** Opening Extracted entries block **
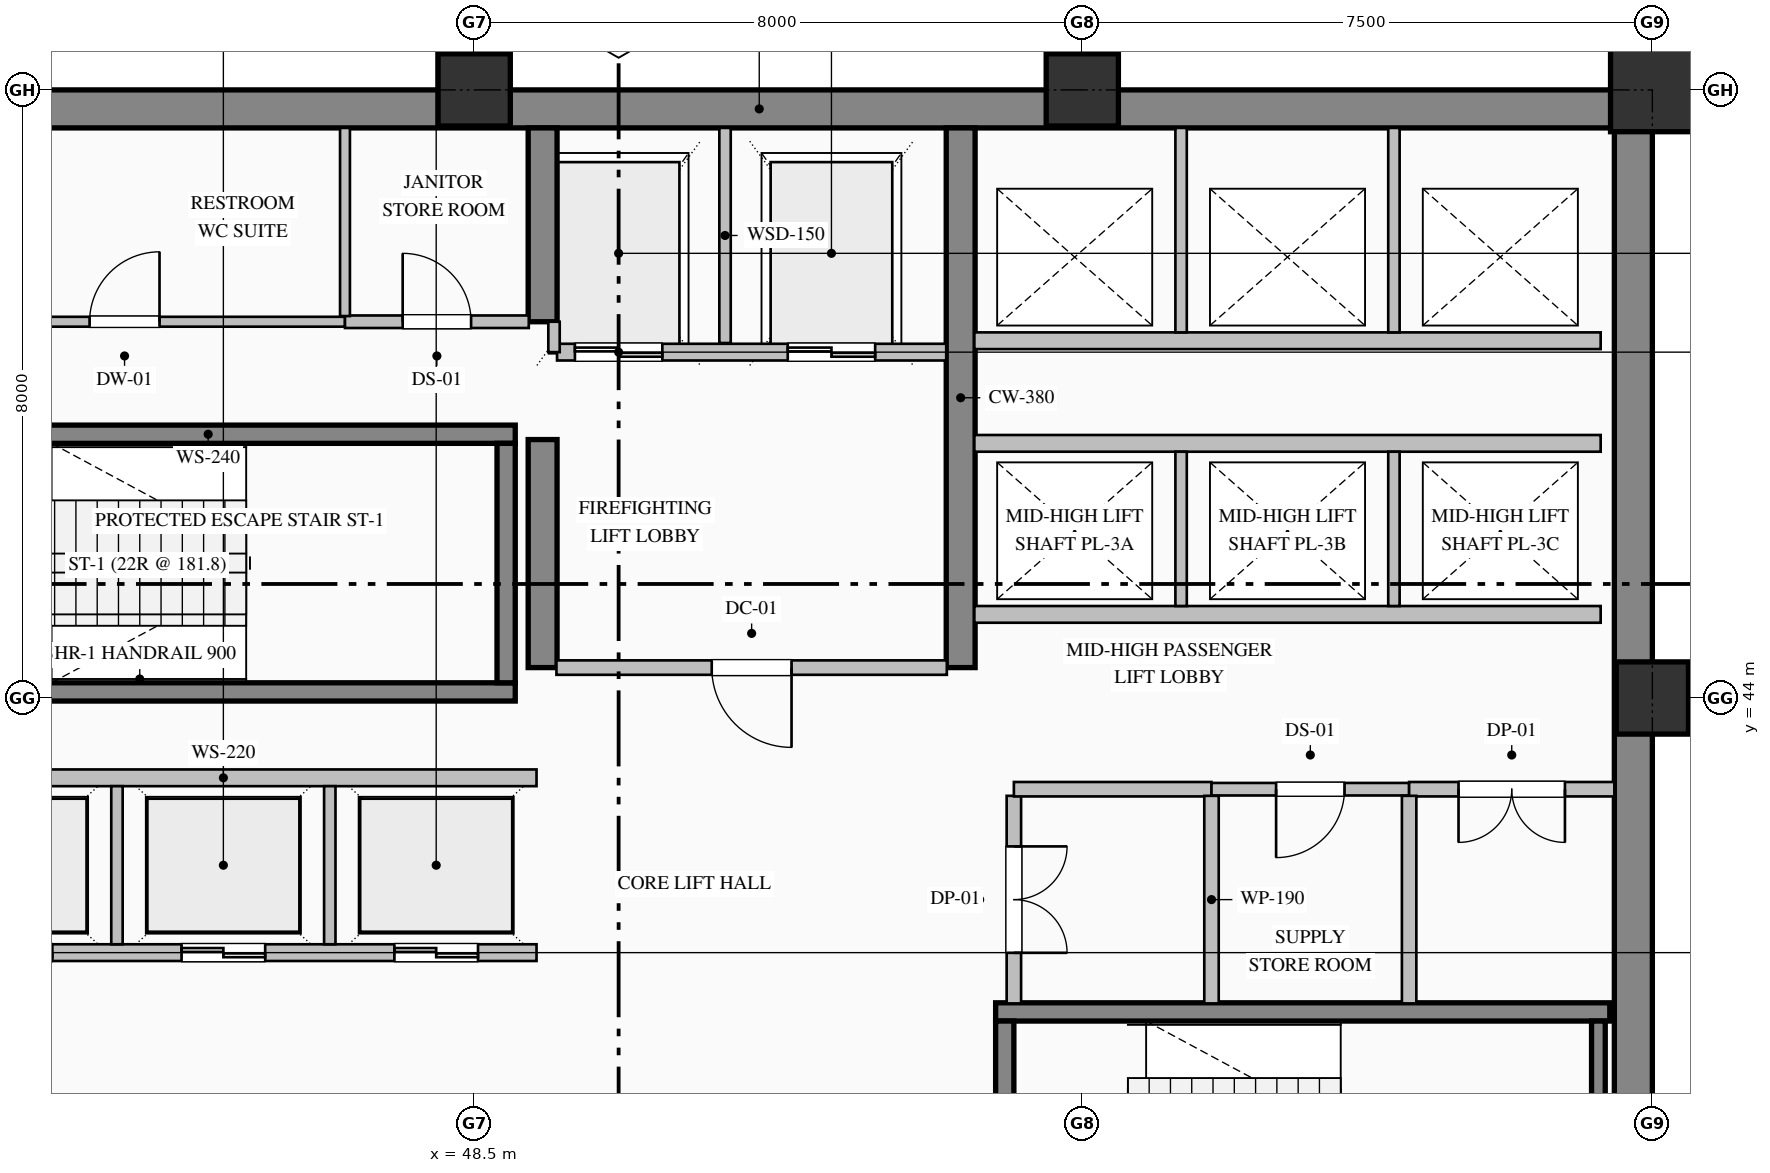
"""IFC4 building model, lengths in metres.
Left out: names, types, materials, properties, quantities, classifications, styles, units other than length and angle.
Written with IfcOpenShell. Run it as: python <this file> out.ifc"""

import sys

from ifc_helpers import new_model, si_unit, direction, frame, frame_2d, origin, origin_2d, place, context, subcontext, project, spatial, rectangle, hollow_rectangle, extrude, element, fill, save


model = new_model("IFC4")
c1 = context("Model", 3, precision=1e-05, world=origin(), true_north=direction((0.0, 1.0)))
c2 = subcontext(c1, "Body", "Model", "MODEL_VIEW")
j1 = project(units=[si_unit("LENGTHUNIT", "METRE"), si_unit("PLANEANGLEUNIT", "RADIAN")], contexts=[c1])
p1 = place(None, origin())
s1 = spatial("IfcSite", under=j1, at=p1, CompositionType="ELEMENT")
p2 = place(p1, origin())
s2 = spatial("IfcBuilding", under=s1, at=p2, CompositionType="ELEMENT")
p3 = place(p2, frame((0.0, 0.0, 127.0)))
s3 = spatial("IfcBuildingStorey", under=s2, at=p3, CompositionType="ELEMENT", Elevation=127.0)
p4 = place(p3, frame((40.5, 51.75, 0.0), z_axis=(0.0, 0.0, 1.0), x_axis=(1.0, 0.0, 0.0)))
e1 = element("IfcWall", 1, at=p4, inside=s3, PredefinedType="SHEAR", context=c2, shape_type="SweptSolid", body=[
    extrude(rectangle(XDim=23.5, YDim=0.5, at=frame_2d((11.75, 0.0))), origin(), (0.0, 0.0, 1.0), 3.765),
])
p5 = place(p3, frame((63.75, 36.32, 0.0), z_axis=(0.0, 0.0, 1.0), x_axis=(0.0, 1.0, 0.0)))
e2 = element("IfcWall", 2, at=p5, inside=s3, PredefinedType="SHEAR", context=c2, shape_type="SweptSolid", body=[
    extrude(rectangle(XDim=15.18, YDim=0.5, at=frame_2d((7.59, 0.0))), origin(), (0.0, 0.0, 1.0), 3.765),
])
p6 = place(p3, frame((49.4, 44.4, 0.0), z_axis=(0.0, 0.0, 1.0), x_axis=(0.0, 1.0, 0.0)))
e3 = element("IfcWall", 3, at=p6, inside=s3, PredefinedType="SHEAR", context=c2, shape_type="SweptSolid", body=[
    extrude(rectangle(XDim=3.0, YDim=0.38, at=frame_2d((1.5, 0.0))), origin(), (0.0, 0.0, 1.0), 3.765),
])
p7 = place(p3, frame((49.4, 48.95, 0.0), z_axis=(0.0, 0.0, 1.0), x_axis=(0.0, 1.0, 0.0)))
e4 = element("IfcWall", 4, at=p7, inside=s3, PredefinedType="SHEAR", context=c2, shape_type="SweptSolid", body=[
    extrude(rectangle(XDim=2.55, YDim=0.38, at=frame_2d((1.275, 0.0))), origin(), (0.0, 0.0, 1.0), 3.765),
])
p8 = place(p3, frame((54.9, 44.4, 0.0), z_axis=(0.0, 0.0, 1.0), x_axis=(0.0, 1.0, 0.0)))
e5 = element("IfcWall", 5, at=p8, inside=s3, PredefinedType="SHEAR", context=c2, shape_type="SweptSolid", body=[
    extrude(rectangle(XDim=7.1, YDim=0.38, at=frame_2d((3.55, 0.0))), origin(), (0.0, 0.0, 1.0), 3.765),
])
for number, where, z_axis, x_axis in (
    (6, (48.5, 52.0, 0.0), (0.0, 0.0, 1.0), (1.0, 0.0, 0.0)),
    (7, (56.5, 52.0, 0.0), (0.0, 0.0, 1.0), (1.0, 0.0, 0.0)),
    (8, (64.0, 44.0, 0.0), (0.0, 0.0, 1.0), (1.0, 0.0, 0.0)),
):
    element("IfcColumn", number, at=place(p3, frame(where, z_axis=z_axis, x_axis=x_axis)), inside=s3, PredefinedType="COLUMN", context=c2, shape_type="SweptSolid", body=[
        extrude(hollow_rectangle(XDim=0.95, YDim=0.95, WallThickness=0.036, at=origin_2d()), origin(), (0.0, 0.0, 1.0), 4.0),
    ])
p9 = place(p3, frame((64.0, 52.0, 0.0), z_axis=(0.0, 0.0, 1.0), x_axis=(1.0, 0.0, 0.0)))
e9 = element("IfcColumn", 9, at=p9, inside=s3, PredefinedType="COLUMN", context=c2, shape_type="SweptSolid", body=[
    extrude(hollow_rectangle(XDim=1.1, YDim=1.1, WallThickness=0.04, at=origin_2d()), origin(), (0.0, 0.0, 1.0), 4.0),
])
for number, where, z_axis, x_axis in (
    (10, (40.96, 47.47, 0.0), (0.0, 0.0, 1.0), (1.0, 0.0, 0.0)),
    (11, (49.04, 44.08, 0.0), (0.0, 0.0, 1.0), (-1.0, 0.0, 0.0)),
):
    element("IfcWall", number, at=place(p3, frame(where, z_axis=z_axis, x_axis=x_axis)), inside=s3, PredefinedType="SOLIDWALL", context=c2, shape_type="SweptSolid", body=[
        extrude(rectangle(XDim=8.08, YDim=0.24, at=frame_2d((4.04, 0.0))), origin(), (0.0, 0.0, 1.0), 4.0),
    ])
p10 = place(p3, frame((48.92, 44.2, 0.0), z_axis=(0.0, 0.0, 1.0), x_axis=(0.0, 1.0, 0.0)))
e12 = element("IfcWall", 12, at=p10, inside=s3, PredefinedType="SOLIDWALL", context=c2, shape_type="SweptSolid", body=[
    extrude(rectangle(XDim=3.15, YDim=0.24, at=frame_2d((1.575, 0.0))), origin(), (0.0, 0.0, 1.0), 4.0),
])
p11 = place(p3, frame((55.36, 39.87, 0.0), z_axis=(0.0, 0.0, 1.0), x_axis=(1.0, 0.0, 0.0)))
e13 = element("IfcWall", 13, at=p11, inside=s3, PredefinedType="SOLIDWALL", context=c2, shape_type="SweptSolid", body=[
    extrude(rectangle(XDim=8.08, YDim=0.24, at=frame_2d((4.04, 0.0))), origin(), (0.0, 0.0, 1.0), 4.0),
])
p12 = place(p3, frame((55.48, 39.75, 0.0), z_axis=(0.0, 0.0, 1.0), x_axis=(0.0, -1.0, 0.0)))
e14 = element("IfcWall", 14, at=p12, inside=s3, PredefinedType="SOLIDWALL", context=c2, shape_type="SweptSolid", body=[
    extrude(rectangle(XDim=3.15, YDim=0.24, at=frame_2d((1.575, 0.0))), origin(), (0.0, 0.0, 1.0), 4.0),
])
p13 = place(p12, frame((1.0, 0.0, 0.0)))
e15 = element("IfcOpeningElement", 15, at=p13, cuts=e14, PredefinedType="OPENING", context=c2, shape_type="SweptSolid", body=[
    extrude(rectangle(XDim=1.15, YDim=2.2, at=frame_2d((0.575, 1.1))), frame((0.0, 0.13, 0.0), z_axis=(0.0, -1.0, 0.0), x_axis=(1.0, 0.0, 0.0)), (0.0, 0.0, 1.0), 0.26),
])
p14 = place(p3, frame((63.29, 36.6, 0.0), z_axis=(0.0, 0.0, 1.0), x_axis=(0.0, 1.0, 0.0)))
e16 = element("IfcWall", 16, at=p14, inside=s3, PredefinedType="SOLIDWALL", context=c2, shape_type="SweptSolid", body=[
    extrude(rectangle(XDim=3.15, YDim=0.18, at=frame_2d((1.575, 0.0))), origin(), (0.0, 0.0, 1.0), 4.0),
])
p15 = place(p3, frame((54.71, 48.55, 0.0), z_axis=(0.0, 0.0, 1.0), x_axis=(-1.0, 0.0, 0.0)))
e17 = element("IfcWall", 17, at=p15, inside=s3, PredefinedType="PARTITIONING", context=c2, shape_type="SweptSolid", body=[
    extrude(rectangle(XDim=5.12, YDim=0.22, at=frame_2d((2.56, 0.0))), origin(), (0.0, 0.0, 1.0), 3.765),
])
p16 = place(p15, frame((3.735, 0.0, 0.0)))
e18 = element("IfcOpeningElement", 18, at=p16, cuts=e17, PredefinedType="OPENING", context=c2, shape_type="SweptSolid", body=[
    extrude(rectangle(XDim=1.15, YDim=2.2, at=frame_2d((0.575, 1.1))), frame((0.0, 0.12, 0.0), z_axis=(0.0, -1.0, 0.0), x_axis=(1.0, 0.0, 0.0)), (0.0, 0.0, 1.0), 0.24),
])
p17 = place(p15, frame((0.935, 0.0, 0.0)))
e19 = element("IfcOpeningElement", 19, at=p17, cuts=e17, PredefinedType="OPENING", context=c2, shape_type="SweptSolid", body=[
    extrude(rectangle(XDim=1.15, YDim=2.2, at=frame_2d((0.575, 1.1))), frame((0.0, 0.12, 0.0), z_axis=(0.0, -1.0, 0.0), x_axis=(1.0, 0.0, 0.0)), (0.0, 0.0, 1.0), 0.24),
])
p18 = place(p3, frame((51.8, 48.67, 0.0), z_axis=(0.0, 0.0, 1.0), x_axis=(0.0, 1.0, 0.0)))
e20 = element("IfcWall", 20, at=p18, inside=s3, PredefinedType="PARTITIONING", context=c2, shape_type="SweptSolid", body=[
    extrude(rectangle(XDim=2.83, YDim=0.15, at=frame_2d((1.415, 0.0))), origin(), (0.0, 0.0, 1.0), 3.765),
])
p19 = place(p3, frame((49.55, 48.55, 0.0), z_axis=(0.0, 0.0, 1.0), x_axis=(0.0, 1.0, 0.0)))
e21 = element("IfcWall", 21, at=p19, inside=s3, PredefinedType="PARTITIONING", context=c2, shape_type="SweptSolid", body=[
    extrude(rectangle(XDim=0.4, YDim=0.15, at=frame_2d((0.2, 0.0))), origin(), (0.0, 0.0, 1.0), 3.765),
])
p20 = place(p3, frame((49.32, 40.65, 0.0), z_axis=(0.0, 0.0, 1.0), x_axis=(-1.0, 0.0, 0.0)))
e22 = element("IfcWall", 22, at=p20, inside=s3, PredefinedType="PARTITIONING", context=c2, shape_type="SweptSolid", body=[
    extrude(rectangle(XDim=8.24, YDim=0.22, at=frame_2d((4.12, 0.0))), origin(), (0.0, 0.0, 1.0), 3.765),
])
p21 = place(p20, frame((6.37, 0.0, 0.0)))
e23 = element("IfcOpeningElement", 23, at=p21, cuts=e22, PredefinedType="OPENING", context=c2, shape_type="SweptSolid", body=[
    extrude(rectangle(XDim=1.1, YDim=2.2, at=frame_2d((0.55, 1.1))), frame((0.0, 0.12, 0.0), z_axis=(0.0, -1.0, 0.0), x_axis=(1.0, 0.0, 0.0)), (0.0, 0.0, 1.0), 0.24),
])
p22 = place(p20, frame((3.57, 0.0, 0.0)))
e24 = element("IfcOpeningElement", 24, at=p22, cuts=e22, PredefinedType="OPENING", context=c2, shape_type="SweptSolid", body=[
    extrude(rectangle(XDim=1.1, YDim=2.2, at=frame_2d((0.55, 1.1))), frame((0.0, 0.12, 0.0), z_axis=(0.0, -1.0, 0.0), x_axis=(1.0, 0.0, 0.0)), (0.0, 0.0, 1.0), 0.24),
])
p23 = place(p20, frame((0.77, 0.0, 0.0)))
e25 = element("IfcOpeningElement", 25, at=p23, cuts=e22, PredefinedType="OPENING", context=c2, shape_type="SweptSolid", body=[
    extrude(rectangle(XDim=1.1, YDim=2.2, at=frame_2d((0.55, 1.1))), frame((0.0, 0.12, 0.0), z_axis=(0.0, -1.0, 0.0), x_axis=(1.0, 0.0, 0.0)), (0.0, 0.0, 1.0), 0.24),
])
p24 = place(p3, frame((41.08, 42.95, 0.0), z_axis=(0.0, 0.0, 1.0), x_axis=(1.0, 0.0, 0.0)))
e26 = element("IfcWall", 26, at=p24, inside=s3, PredefinedType="PARTITIONING", context=c2, shape_type="SweptSolid", body=[
    extrude(rectangle(XDim=8.24, YDim=0.22, at=frame_2d((4.12, 0.0))), origin(), (0.0, 0.0, 1.0), 3.765),
])
for number, where, z_axis, x_axis in (
    (27, (43.8, 40.76, 0.0), (0.0, 0.0, 1.0), (0.0, 1.0, 0.0)),
    (28, (46.6, 40.76, 0.0), (0.0, 0.0, 1.0), (0.0, 1.0, 0.0)),
):
    element("IfcWall", number, at=place(p3, frame(where, z_axis=z_axis, x_axis=x_axis)), inside=s3, PredefinedType="PARTITIONING", context=c2, shape_type="SweptSolid", body=[
        extrude(rectangle(XDim=2.08, YDim=0.15, at=frame_2d((1.04, 0.0))), origin(), (0.0, 0.0, 1.0), 3.765),
    ])
for number, where, z_axis, x_axis in (
    (29, (63.32, 45.1, 0.0), (0.0, 0.0, 1.0), (-1.0, 0.0, 0.0)),
    (30, (55.08, 47.35, 0.0), (0.0, 0.0, 1.0), (1.0, 0.0, 0.0)),
):
    element("IfcWall", number, at=place(p3, frame(where, z_axis=z_axis, x_axis=x_axis)), inside=s3, PredefinedType="PARTITIONING", context=c2, shape_type="SweptSolid", body=[
        extrude(rectangle(XDim=8.24, YDim=0.22, at=frame_2d((4.12, 0.0))), origin(), (0.0, 0.0, 1.0), 3.765),
    ])
for number, where, z_axis, x_axis in (
    (31, (57.8, 45.21, 0.0), (0.0, 0.0, 1.0), (0.0, 1.0, 0.0)),
    (32, (60.6, 45.21, 0.0), (0.0, 0.0, 1.0), (0.0, 1.0, 0.0)),
):
    element("IfcWall", number, at=place(p3, frame(where, z_axis=z_axis, x_axis=x_axis)), inside=s3, PredefinedType="PARTITIONING", context=c2, shape_type="SweptSolid", body=[
        extrude(rectangle(XDim=2.03, YDim=0.15, at=frame_2d((1.015, 0.0))), origin(), (0.0, 0.0, 1.0), 3.765),
    ])
p25 = place(p3, frame((63.32, 48.7, 0.0), z_axis=(0.0, 0.0, 1.0), x_axis=(-1.0, 0.0, 0.0)))
e33 = element("IfcWall", 33, at=p25, inside=s3, PredefinedType="PARTITIONING", context=c2, shape_type="SweptSolid", body=[
    extrude(rectangle(XDim=8.24, YDim=0.22, at=frame_2d((4.12, 0.0))), origin(), (0.0, 0.0, 1.0), 3.765),
])
for number, where, z_axis, x_axis in (
    (34, (57.8, 48.81, 0.0), (0.0, 0.0, 1.0), (0.0, 1.0, 0.0)),
    (35, (60.6, 48.81, 0.0), (0.0, 0.0, 1.0), (0.0, 1.0, 0.0)),
):
    element("IfcWall", number, at=place(p3, frame(where, z_axis=z_axis, x_axis=x_axis)), inside=s3, PredefinedType="PARTITIONING", context=c2, shape_type="SweptSolid", body=[
        extrude(rectangle(XDim=2.69, YDim=0.15, at=frame_2d((1.345, 0.0))), origin(), (0.0, 0.0, 1.0), 3.765),
    ])
p26 = place(p3, frame((41.0, 48.95, 0.0), z_axis=(0.0, 0.0, 1.0), x_axis=(1.0, 0.0, 0.0)))
e36 = element("IfcWall", 36, at=p26, inside=s3, PredefinedType="PARTITIONING", context=c2, shape_type="SweptSolid", body=[
    extrude(rectangle(XDim=5.8, YDim=0.13, at=frame_2d((2.9, 0.0))), origin(), (0.0, 0.0, 1.0), 3.765),
])
p27 = place(p26, frame((2.44, 0.0, 0.0)))
e37 = element("IfcOpeningElement", 37, at=p27, cuts=e36, PredefinedType="OPENING", context=c2, shape_type="SweptSolid", body=[
    extrude(rectangle(XDim=0.92, YDim=2.15, at=frame_2d((0.46, 1.075))), frame((0.0, 0.075, 0.0), z_axis=(0.0, -1.0, 0.0), x_axis=(1.0, 0.0, 0.0)), (0.0, 0.0, 1.0), 0.15),
])
p28 = place(p3, frame((46.8, 48.95, 0.0), z_axis=(0.0, 0.0, 1.0), x_axis=(1.0, 0.0, 0.0)))
e38 = element("IfcWall", 38, at=p28, inside=s3, PredefinedType="PARTITIONING", context=c2, shape_type="SweptSolid", body=[
    extrude(rectangle(XDim=2.418, YDim=0.165, at=frame_2d((1.209, 0.0))), origin(), (0.0, 0.0, 1.0), 3.765),
])
p29 = place(p28, frame((0.759, 0.0, 0.0)))
e39 = element("IfcOpeningElement", 39, at=p29, cuts=e38, PredefinedType="OPENING", context=c2, shape_type="SweptSolid", body=[
    extrude(rectangle(XDim=0.9, YDim=2.15, at=frame_2d((0.45, 1.075))), frame((0.0, 0.093, 0.0), z_axis=(0.0, -1.0, 0.0), x_axis=(1.0, 0.0, 0.0)), (0.0, 0.0, 1.0), 0.185),
])
p30 = place(p3, frame((54.718, 44.4, 0.0), z_axis=(0.0, 0.0, 1.0), x_axis=(-1.0, 0.0, 0.0)))
e40 = element("IfcWall", 40, at=p30, inside=s3, PredefinedType="PARTITIONING", context=c2, shape_type="SweptSolid", body=[
    extrude(rectangle(XDim=5.136, YDim=0.19, at=frame_2d((2.568, 0.0))), origin(), (0.0, 0.0, 1.0), 3.765),
])
p31 = place(p30, frame((2.043, 0.0, 0.0)))
e41 = element("IfcOpeningElement", 41, at=p31, cuts=e40, PredefinedType="OPENING", context=c2, shape_type="SweptSolid", body=[
    extrude(rectangle(XDim=1.05, YDim=2.15, at=frame_2d((0.525, 1.075))), frame((0.0, 0.105, 0.0), z_axis=(0.0, -1.0, 0.0), x_axis=(1.0, 0.0, 0.0)), (0.0, 0.0, 1.0), 0.21),
])
p32 = place(p3, frame((55.6, 42.713, 0.0), z_axis=(0.0, 0.0, 1.0), x_axis=(0.0, -1.0, 0.0)))
e42 = element("IfcWall", 42, at=p32, inside=s3, PredefinedType="PARTITIONING", context=c2, shape_type="SweptSolid", body=[
    extrude(rectangle(XDim=2.731, YDim=0.19, at=frame_2d((1.365, 0.0))), origin(), (0.0, 0.0, 1.0), 3.765),
])
p33 = place(p32, frame((0.666, 0.0, 0.0)))
e43 = element("IfcOpeningElement", 43, at=p33, cuts=e42, PredefinedType="OPENING", context=c2, shape_type="SweptSolid", body=[
    extrude(rectangle(XDim=1.4, YDim=2.25, at=frame_2d((0.7, 1.125))), frame((0.0, 0.105, 0.0), z_axis=(0.0, -1.0, 0.0), x_axis=(1.0, 0.0, 0.0)), (0.0, 0.0, 1.0), 0.21),
])
p34 = place(p3, frame((58.2, 42.8, 0.0), z_axis=(0.0, 0.0, 1.0), x_axis=(-1.0, 0.0, 0.0)))
e44 = element("IfcWall", 44, at=p34, inside=s3, PredefinedType="PARTITIONING", context=c2, shape_type="SweptSolid", body=[
    extrude(rectangle(XDim=2.6, YDim=0.19, at=frame_2d((1.3, 0.0))), origin(), (0.0, 0.0, 1.0), 3.765),
])
p35 = place(p3, frame((60.8, 42.8, 0.0), z_axis=(0.0, 0.0, 1.0), x_axis=(-1.0, 0.0, 0.0)))
e45 = element("IfcWall", 45, at=p35, inside=s3, PredefinedType="PARTITIONING", context=c2, shape_type="SweptSolid", body=[
    extrude(rectangle(XDim=2.6, YDim=0.165, at=frame_2d((1.3, 0.0))), origin(), (0.0, 0.0, 1.0), 3.765),
])
p36 = place(p35, frame((0.85, 0.0, 0.0)))
e46 = element("IfcOpeningElement", 46, at=p36, cuts=e45, PredefinedType="OPENING", context=c2, shape_type="SweptSolid", body=[
    extrude(rectangle(XDim=0.9, YDim=2.15, at=frame_2d((0.45, 1.075))), frame((0.0, 0.093, 0.0), z_axis=(0.0, -1.0, 0.0), x_axis=(1.0, 0.0, 0.0)), (0.0, 0.0, 1.0), 0.185),
])
p37 = place(p3, frame((63.5, 42.8, 0.0), z_axis=(0.0, 0.0, 1.0), x_axis=(-1.0, 0.0, 0.0)))
e47 = element("IfcWall", 47, at=p37, inside=s3, PredefinedType="PARTITIONING", context=c2, shape_type="SweptSolid", body=[
    extrude(rectangle(XDim=2.7, YDim=0.19, at=frame_2d((1.35, 0.0))), origin(), (0.0, 0.0, 1.0), 3.765),
])
p38 = place(p37, frame((0.65, 0.0, 0.0)))
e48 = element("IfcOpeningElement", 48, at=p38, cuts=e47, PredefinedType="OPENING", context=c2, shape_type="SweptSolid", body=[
** Closing Extracted entries block **
#### Work to be completed
If a line above holds the string "direction", return it as it stands.

#### The completed task
from ifc_helpers import new_model, si_unit, direction, frame, frame_2d, origin, origin_2d, place, context, subcontext, project, spatial, rectangle, hollow_rectangle, extrude, element, fill, save
c1 = context("Model", 3, precision=1e-05, world=origin(), true_north=direction((0.0, 1.0)))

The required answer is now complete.